Exercise material: Begin

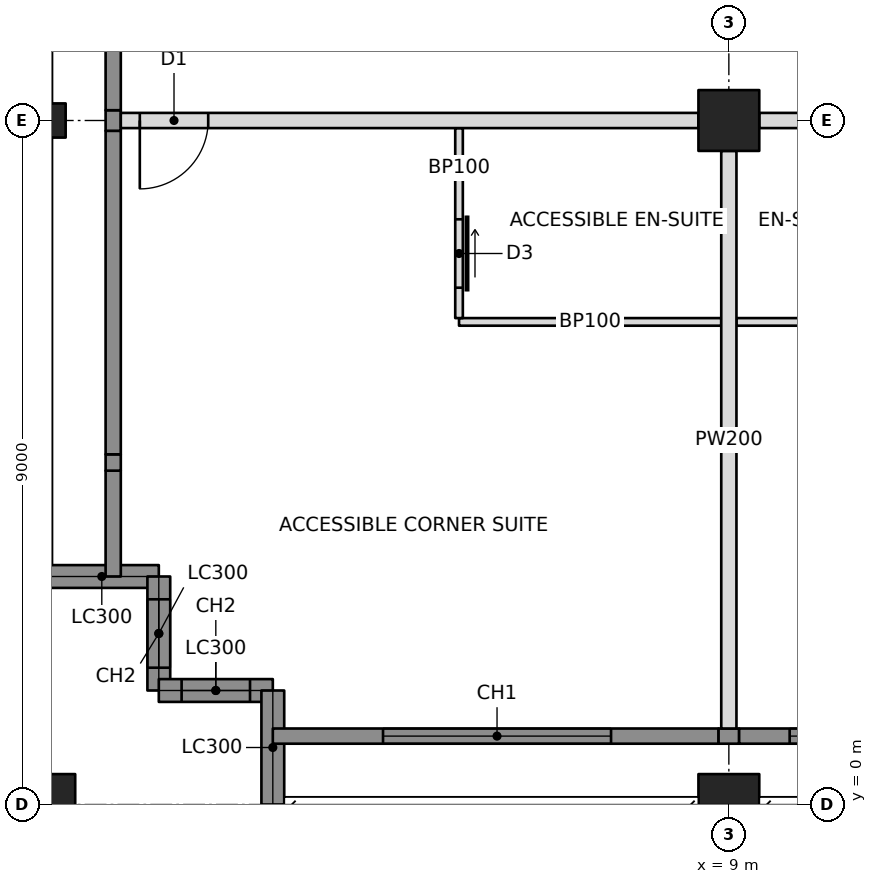
"""IFC4 building model, lengths in metres.
Left out: names, types, materials, properties, quantities, classifications, styles, units other than length and angle.
Written with IfcOpenShell. Run it as: python <this file> out.ifc"""

import sys

from ifc_helpers import new_model, si_unit, direction, frame, frame_2d, origin, origin_with_axes, origin_2d, place, context, subcontext, project, spatial, rectangle, hollow_rectangle, i_section, extrude, element, fill, save


model = new_model("IFC4")
c1 = context("Model", 3, precision=1e-05, world=origin(), true_north=direction((0.0, 1.0)))
c2 = subcontext(c1, "Body", "Model", "MODEL_VIEW")
j1 = project(units=[si_unit("LENGTHUNIT", "METRE"), si_unit("PLANEANGLEUNIT", "RADIAN")], contexts=[c1])
p1 = place(None, origin())
s1 = spatial("IfcSite", under=j1, at=p1, CompositionType="ELEMENT")
p2 = place(p1, origin())
s2 = spatial("IfcBuilding", under=s1, at=p2, CompositionType="ELEMENT")
p3 = place(p2, frame((0.0, 0.0, 191.0)))
s3 = spatial("IfcBuildingStorey", under=s2, at=p3, CompositionType="ELEMENT", Elevation=191.0)
p4 = place(p3, origin_with_axes())
e1 = element("IfcColumn", 1, at=p4, inside=s3, PredefinedType="COLUMN", context=c2, shape_type="SweptSolid", body=[
    extrude(hollow_rectangle(XDim=0.8, YDim=0.8, WallThickness=0.07, at=origin_2d()), origin(), (0.0, 0.0, 1.0), 3.4),
])
p5 = place(p3, frame((0.0, 9.0, 0.0), z_axis=(0.0, 0.0, 1.0), x_axis=(0.0, 1.0, 0.0)))
e2 = element("IfcColumn", 2, at=p5, inside=s3, PredefinedType="COLUMN", context=c2, shape_type="SweptSolid", body=[
    extrude(i_section(OverallWidth=0.449, OverallDepth=0.549, WebThickness=0.072, FlangeThickness=0.115, at=origin_2d()), origin(), (0.0, 0.0, 1.0), 3.4),
])
p6 = place(p3, frame((9.0, 0.0, 0.0), z_axis=(0.0, 0.0, 1.0), x_axis=(1.0, 0.0, 0.0)))
e3 = element("IfcColumn", 3, at=p6, inside=s3, PredefinedType="COLUMN", context=c2, shape_type="SweptSolid", body=[
    extrude(hollow_rectangle(XDim=0.8, YDim=0.8, WallThickness=0.07, at=origin_2d()), origin(), (0.0, 0.0, 1.0), 3.4),
])
p7 = place(p3, frame((9.0, 9.0, 0.0), z_axis=(0.0, 0.0, 1.0), x_axis=(1.0, 0.0, 0.0)))
e4 = element("IfcColumn", 4, at=p7, inside=s3, PredefinedType="COLUMN", context=c2, shape_type="SweptSolid", body=[
    extrude(hollow_rectangle(XDim=0.8, YDim=0.8, WallThickness=0.06, at=origin_2d()), origin(), (0.0, 0.0, 1.0), 3.4),
])
p8 = place(p3, frame((0.0, 3.0, 0.0), z_axis=(0.0, 0.0, 1.0), x_axis=(1.0, 0.0, 0.0)))
e5 = element("IfcWall", 5, at=p8, inside=s3, PredefinedType="SOLIDWALL", context=c2, shape_type="SweptSolid", body=[
    extrude(rectangle(XDim=1.5, YDim=0.3, at=frame_2d((0.75, 0.0))), origin(), (0.0, 0.0, 1.0), 2.42),
])
p9 = place(p3, frame((1.5, 3.0, 0.0), z_axis=(0.0, 0.0, 1.0), x_axis=(0.0, -1.0, 0.0)))
e6 = element("IfcWall", 6, at=p9, inside=s3, PredefinedType="SOLIDWALL", context=c2, shape_type="SweptSolid", body=[
    extrude(rectangle(XDim=1.5, YDim=0.3, at=frame_2d((0.75, 0.0))), origin(), (0.0, 0.0, 1.0), 3.2),
])
p10 = place(p9, frame((0.3, 0.0, 0.6)))
e7 = element("IfcOpeningElement", 7, at=p10, cuts=e6, PredefinedType="OPENING", context=c2, shape_type="SweptSolid", body=[
    extrude(rectangle(XDim=0.9, YDim=2.2, at=frame_2d((0.45, 1.1))), frame((0.0, 0.16, 0.0), z_axis=(0.0, -1.0, 0.0), x_axis=(1.0, 0.0, 0.0)), (0.0, 0.0, 1.0), 0.32),
])
p11 = place(p3, frame((1.5, 1.5, 0.0), z_axis=(0.0, 0.0, 1.0), x_axis=(1.0, 0.0, 0.0)))
e8 = element("IfcWall", 8, at=p11, inside=s3, PredefinedType="SOLIDWALL", context=c2, shape_type="SweptSolid", body=[
    extrude(rectangle(XDim=1.5, YDim=0.3, at=frame_2d((0.75, 0.0))), origin(), (0.0, 0.0, 1.0), 3.2),
])
p12 = place(p11, frame((0.3, 0.0, 0.6)))
e9 = element("IfcOpeningElement", 9, at=p12, cuts=e8, PredefinedType="OPENING", context=c2, shape_type="SweptSolid", body=[
    extrude(rectangle(XDim=0.9, YDim=2.2, at=frame_2d((0.45, 1.1))), frame((0.0, 0.16, 0.0), z_axis=(0.0, -1.0, 0.0), x_axis=(1.0, 0.0, 0.0)), (0.0, 0.0, 1.0), 0.32),
])
p13 = place(p3, frame((3.0, 1.5, 0.0), z_axis=(0.0, 0.0, 1.0), x_axis=(0.0, -1.0, 0.0)))
e10 = element("IfcWall", 10, at=p13, inside=s3, PredefinedType="SOLIDWALL", context=c2, shape_type="SweptSolid", body=[
    extrude(rectangle(XDim=1.5, YDim=0.3, at=frame_2d((0.75, 0.0))), origin(), (0.0, 0.0, 1.0), 2.42),
])
p14 = place(p3, frame((3.0, 0.9, 0.0), z_axis=(0.0, 0.0, 1.0), x_axis=(1.0, 0.0, 0.0)))
e11 = element("IfcWall", 11, at=p14, inside=s3, PredefinedType="SOLIDWALL", context=c2, shape_type="SweptSolid", body=[
    extrude(rectangle(XDim=5.865, YDim=0.2, at=frame_2d((2.932, 0.0))), origin(), (0.0, 0.0, 1.0), 3.2),
])
p15 = place(p14, frame((1.45, 0.0, 0.6)))
e12 = element("IfcOpeningElement", 12, at=p15, cuts=e11, PredefinedType="OPENING", context=c2, shape_type="SweptSolid", body=[
    extrude(rectangle(XDim=3.0, YDim=2.2, at=frame_2d((1.5, 1.1))), frame((0.0, 0.11, 0.0), z_axis=(0.0, -1.0, 0.0), x_axis=(1.0, 0.0, 0.0)), (0.0, 0.0, 1.0), 0.22),
])
p16 = place(p3, frame((0.9, 3.0, 0.0), z_axis=(0.0, 0.0, 1.0), x_axis=(0.0, 1.0, 0.0)))
e13 = element("IfcWall", 13, at=p16, inside=s3, PredefinedType="SOLIDWALL", context=c2, shape_type="SweptSolid", body=[
    extrude(rectangle(XDim=1.393, YDim=0.2, at=frame_2d((0.696, 0.0))), origin(), (0.0, 0.0, 1.0), 3.2),
])
p17 = place(p3, frame((1.0, 9.0, 0.0), z_axis=(0.0, 0.0, 1.0), x_axis=(1.0, 0.0, 0.0)))
e14 = element("IfcWall", 14, at=p17, inside=s3, PredefinedType="PARTITIONING", context=c2, shape_type="SweptSolid", body=[
    extrude(rectangle(XDim=7.6, YDim=0.2, at=frame_2d((3.8, 0.0))), origin(), (0.0, 0.0, 1.0), 2.438),
])
p18 = place(p17, frame((0.25, 0.0, 0.0)))
e15 = element("IfcOpeningElement", 15, at=p18, cuts=e14, PredefinedType="OPENING", context=c2, shape_type="SweptSolid", body=[
    extrude(rectangle(XDim=0.9, YDim=2.1, at=frame_2d((0.45, 1.05))), frame((0.0, 0.11, 0.0), z_axis=(0.0, -1.0, 0.0), x_axis=(1.0, 0.0, 0.0)), (0.0, 0.0, 1.0), 0.22),
])
p19 = place(p3, frame((9.4, 9.0, 0.0), z_axis=(0.0, 0.0, 1.0), x_axis=(1.0, 0.0, 0.0)))
e16 = element("IfcWall", 16, at=p19, inside=s3, PredefinedType="PARTITIONING", context=c2, shape_type="SweptSolid", body=[
    extrude(rectangle(XDim=8.2, YDim=0.2, at=frame_2d((4.1, 0.0))), origin(), (0.0, 0.0, 1.0), 2.405),
])
p20 = place(p19, frame((2.95, 0.0, 0.0)))
e17 = element("IfcOpeningElement", 17, at=p20, cuts=e16, PredefinedType="OPENING", context=c2, shape_type="SweptSolid", body=[
    extrude(rectangle(XDim=0.9, YDim=2.1, at=frame_2d((0.45, 1.05))), frame((0.0, 0.11, 0.0), z_axis=(0.0, -1.0, 0.0), x_axis=(1.0, 0.0, 0.0)), (0.0, 0.0, 1.0), 0.22),
])
p21 = place(p19, frame((4.35, 0.0, 0.0)))
e18 = element("IfcOpeningElement", 18, at=p21, cuts=e16, PredefinedType="OPENING", context=c2, shape_type="SweptSolid", body=[
    extrude(rectangle(XDim=0.9, YDim=2.1, at=frame_2d((0.45, 1.05))), frame((0.0, 0.11, 0.0), z_axis=(0.0, -1.0, 0.0), x_axis=(1.0, 0.0, 0.0)), (0.0, 0.0, 1.0), 0.22),
])
p22 = place(p3, frame((9.0, 8.6, 0.0), z_axis=(0.0, 0.0, 1.0), x_axis=(0.0, -1.0, 0.0)))
e19 = element("IfcWall", 19, at=p22, inside=s3, PredefinedType="PARTITIONING", context=c2, shape_type="SweptSolid", body=[
    extrude(rectangle(XDim=7.6, YDim=0.2, at=frame_2d((3.8, 0.0))), origin(), (0.0, 0.0, 1.0), 2.438),
])
p23 = place(p3, frame((5.45, 6.35, 0.0), z_axis=(0.0, 0.0, 1.0), x_axis=(1.0, 0.0, 0.0)))
e20 = element("IfcWall", 20, at=p23, inside=s3, PredefinedType="PARTITIONING", context=c2, shape_type="SweptSolid", body=[
    extrude(rectangle(XDim=3.45, YDim=0.1, at=frame_2d((1.725, 0.0))), origin(), (0.0, 0.0, 1.0), 2.438),
])
p24 = place(p3, frame((5.45, 8.9, 0.0), z_axis=(0.0, 0.0, 1.0), x_axis=(0.0, -1.0, 0.0)))
e21 = element("IfcWall", 21, at=p24, inside=s3, PredefinedType="PARTITIONING", context=c2, shape_type="SweptSolid", body=[
    extrude(rectangle(XDim=2.5, YDim=0.1, at=frame_2d((1.25, 0.0))), origin(), (0.0, 0.0, 1.0), 2.438),
])
p25 = place(p24, frame((1.2, 0.0, 0.0)))
e22 = element("IfcOpeningElement", 22, at=p25, cuts=e21, PredefinedType="OPENING", context=c2, shape_type="SweptSolid", body=[
    extrude(rectangle(XDim=0.9, YDim=2.1, at=frame_2d((0.45, 1.05))), frame((0.0, 0.06, 0.0), z_axis=(0.0, -1.0, 0.0), x_axis=(1.0, 0.0, 0.0)), (0.0, 0.0, 1.0), 0.12),
])
p26 = place(p3, frame((9.1, 6.35, 0.0), z_axis=(0.0, 0.0, 1.0), x_axis=(1.0, 0.0, 0.0)))
e23 = element("IfcWall", 23, at=p26, inside=s3, PredefinedType="PARTITIONING", context=c2, shape_type="SweptSolid", body=[
    extrude(rectangle(XDim=2.95, YDim=0.1, at=frame_2d((1.475, 0.0))), origin(), (0.0, 0.0, 1.0), 2.438),
])
p27 = place(p3, frame((8.865, 0.9, 0.0), z_axis=(0.0, 0.0, 1.0), x_axis=(1.0, 0.0, 0.0)))
e24 = element("IfcWall", 24, at=p27, inside=s3, PredefinedType="SOLIDWALL", context=c2, shape_type="SweptSolid", body=[
    extrude(rectangle(XDim=0.271, YDim=0.2, at=frame_2d((0.135, 0.0))), origin(), (0.0, 0.0, 1.0), 2.438),
])
p28 = place(p3, frame((9.135, 0.9, 0.0), z_axis=(0.0, 0.0, 1.0), x_axis=(1.0, 0.0, 0.0)))
e25 = element("IfcWall", 25, at=p28, inside=s3, PredefinedType="SOLIDWALL", context=c2, shape_type="SweptSolid", body=[
    extrude(rectangle(XDim=8.671, YDim=0.2, at=frame_2d((4.335, 0.0))), origin(), (0.0, 0.0, 1.0), 3.2),
])
p29 = place(p28, frame((0.665, 0.0, 0.6)))
e26 = element("IfcOpeningElement", 26, at=p29, cuts=e25, PredefinedType="OPENING", context=c2, shape_type="SweptSolid", body=[
    extrude(rectangle(XDim=3.0, YDim=2.2, at=frame_2d((1.5, 1.1))), frame((0.0, 0.11, 0.0), z_axis=(0.0, -1.0, 0.0), x_axis=(1.0, 0.0, 0.0)), (0.0, 0.0, 1.0), 0.22),
])
p30 = place(p28, frame((5.065, 0.0, 0.6)))
e27 = element("IfcOpeningElement", 27, at=p30, cuts=e25, PredefinedType="OPENING", context=c2, shape_type="SweptSolid", body=[
    extrude(rectangle(XDim=3.0, YDim=2.2, at=frame_2d((1.5, 1.1))), frame((0.0, 0.11, 0.0), z_axis=(0.0, -1.0, 0.0), x_axis=(1.0, 0.0, 0.0)), (0.0, 0.0, 1.0), 0.22),
])
p31 = place(p3, frame((0.9, 4.393, 0.0), z_axis=(0.0, 0.0, 1.0), x_axis=(0.0, 1.0, 0.0)))
e28 = element("IfcWall", 28, at=p31, inside=s3, PredefinedType="SOLIDWALL", context=c2, shape_type="SweptSolid", body=[
    extrude(rectangle(XDim=0.215, YDim=0.2, at=frame_2d((0.107, 0.0))), origin(), (0.0, 0.0, 1.0), 2.661),
])
p32 = place(p3, frame((0.9, 4.607, 0.0), z_axis=(0.0, 0.0, 1.0), x_axis=(0.0, 1.0, 0.0)))
e29 = element("IfcWall", 29, at=p32, inside=s3, PredefinedType="SOLIDWALL", context=c2, shape_type="SweptSolid", body=[
    extrude(rectangle(XDim=4.257, YDim=0.2, at=frame_2d((2.129, 0.0))), origin(), (0.0, 0.0, 1.0), 3.2),
])
p33 = place(p3, frame((0.9, 8.865, 0.0), z_axis=(0.0, 0.0, 1.0), x_axis=(0.0, 1.0, 0.0)))
e30 = element("IfcWall", 30, at=p33, inside=s3, PredefinedType="SOLIDWALL", context=c2, shape_type="SweptSolid", body=[
    extrude(rectangle(XDim=0.271, YDim=0.2, at=frame_2d((0.135, 0.0))), origin(), (0.0, 0.0, 1.0), 2.438),
])
p34 = place(p3, frame((0.9, 9.135, 0.0), z_axis=(0.0, 0.0, 1.0), x_axis=(0.0, 1.0, 0.0)))
e31 = element("IfcWall", 31, at=p34, inside=s3, PredefinedType="SOLIDWALL", context=c2, shape_type="SweptSolid", body=[
    extrude(rectangle(XDim=8.671, YDim=0.2, at=frame_2d((4.335, 0.0))), origin(), (0.0, 0.0, 1.0), 3.2),
])
p35 = place(p34, frame((2.015, 0.0, 0.6)))
e32 = element("IfcOpeningElement", 32, at=p35, cuts=e31, PredefinedType="OPENING", context=c2, shape_type="SweptSolid", body=[
    extrude(rectangle(XDim=3.0, YDim=2.2, at=frame_2d((1.5, 1.1))), frame((0.0, 0.11, 0.0), z_axis=(0.0, -1.0, 0.0), x_axis=(1.0, 0.0, 0.0)), (0.0, 0.0, 1.0), 0.22),
])
p36 = place(p34, frame((5.515, 0.0, 0.6)))
e33 = element("IfcOpeningElement", 33, at=p36, cuts=e31, PredefinedType="OPENING", context=c2, shape_type="SweptSolid", body=[
    extrude(rectangle(XDim=3.0, YDim=2.2, at=frame_2d((1.5, 1.1))), frame((0.0, 0.11, 0.0), z_axis=(0.0, -1.0, 0.0), x_axis=(1.0, 0.0, 0.0)), (0.0, 0.0, 1.0), 0.22),
])
p37 = place(p10, origin())
e34 = element("IfcWindow", 34, at=p37, inside=s3, PartitioningType="SINGLE_PANEL", PredefinedType="WINDOW", context=c2, shape_type="SweptSolid", body=[
    extrude(rectangle(XDim=0.9, YDim=2.2, at=frame_2d((0.45, 1.1))), frame((0.0, 0.03, 0.0), z_axis=(0.0, -1.0, 0.0), x_axis=(1.0, 0.0, 0.0)), (0.0, 0.0, 1.0), 0.06),
])
fill(e7, e34)
p38 = place(p12, origin())
e35 = element("IfcWindow", 35, at=p38, inside=s3, PartitioningType="SINGLE_PANEL", PredefinedType="WINDOW", context=c2, shape_type="SweptSolid", body=[
    extrude(rectangle(XDim=0.9, YDim=2.2, at=frame_2d((0.45, 1.1))), frame((0.0, 0.03, 0.0), z_axis=(0.0, -1.0, 0.0), x_axis=(1.0, 0.0, 0.0)), (0.0, 0.0, 1.0), 0.06),
])
fill(e9, e35)
p39 = place(p15, origin())
e36 = element("IfcWindow", 36, at=p39, inside=s3, PartitioningType="TRIPLE_PANEL_VERTICAL", PredefinedType="WINDOW", context=c2, shape_type="SweptSolid", body=[
    extrude(rectangle(XDim=3.0, YDim=2.2, at=frame_2d((1.5, 1.1))), frame((0.0, 0.03, 0.0), z_axis=(0.0, -1.0, 0.0), x_axis=(1.0, 0.0, 0.0)), (0.0, 0.0, 1.0), 0.06),
])
fill(e12, e36)
p40 = place(p29, origin())
e37 = element("IfcWindow", 37, at=p40, inside=s3, PartitioningType="TRIPLE_PANEL_VERTICAL", PredefinedType="WINDOW", context=c2, shape_type="SweptSolid", body=[
    extrude(rectangle(XDim=3.0, YDim=2.2, at=frame_2d((1.5, 1.1))), frame((0.0, 0.03, 0.0), z_axis=(0.0, -1.0, 0.0), x_axis=(1.0, 0.0, 0.0)), (0.0, 0.0, 1.0), 0.06),
])
fill(e26, e37)
p41 = place(p25, origin())
e38 = element("IfcDoor", 38, at=p41, inside=s3, OperationType="SLIDING_TO_LEFT", PredefinedType="DOOR", context=c2, shape_type="SweptSolid", body=[
    extrude(rectangle(XDim=0.9, YDim=2.1, at=frame_2d((0.45, 1.05))), frame((0.0, 0.025, 0.0), z_axis=(0.0, -1.0, 0.0), x_axis=(1.0, 0.0, 0.0)), (0.0, 0.0, 1.0), 0.05),
])
fill(e22, e38)
p42 = place(p18, frame((0.9, 0.0, 0.0), z_axis=(0.0, 0.0, 1.0), x_axis=(-1.0, 0.0, 0.0)))
e39 = element("IfcDoor", 39, at=p42, inside=s3, OperationType="SINGLE_SWING_RIGHT", PredefinedType="DOOR", context=c2, shape_type="SweptSolid", body=[
    extrude(rectangle(XDim=0.9, YDim=2.1, at=frame_2d((0.45, 1.05))), frame((0.0, 0.025, 0.0), z_axis=(0.0, -1.0, 0.0), x_axis=(1.0, 0.0, 0.0)), (0.0, 0.0, 1.0), 0.05),
])
fill(e15, e39)
save(model, sys.argv[1])

Exercise material: End

● **Work item**:
From the preceding records, count the lines where "import" occurs and reply with the number only.

● **Exercise solution**:
2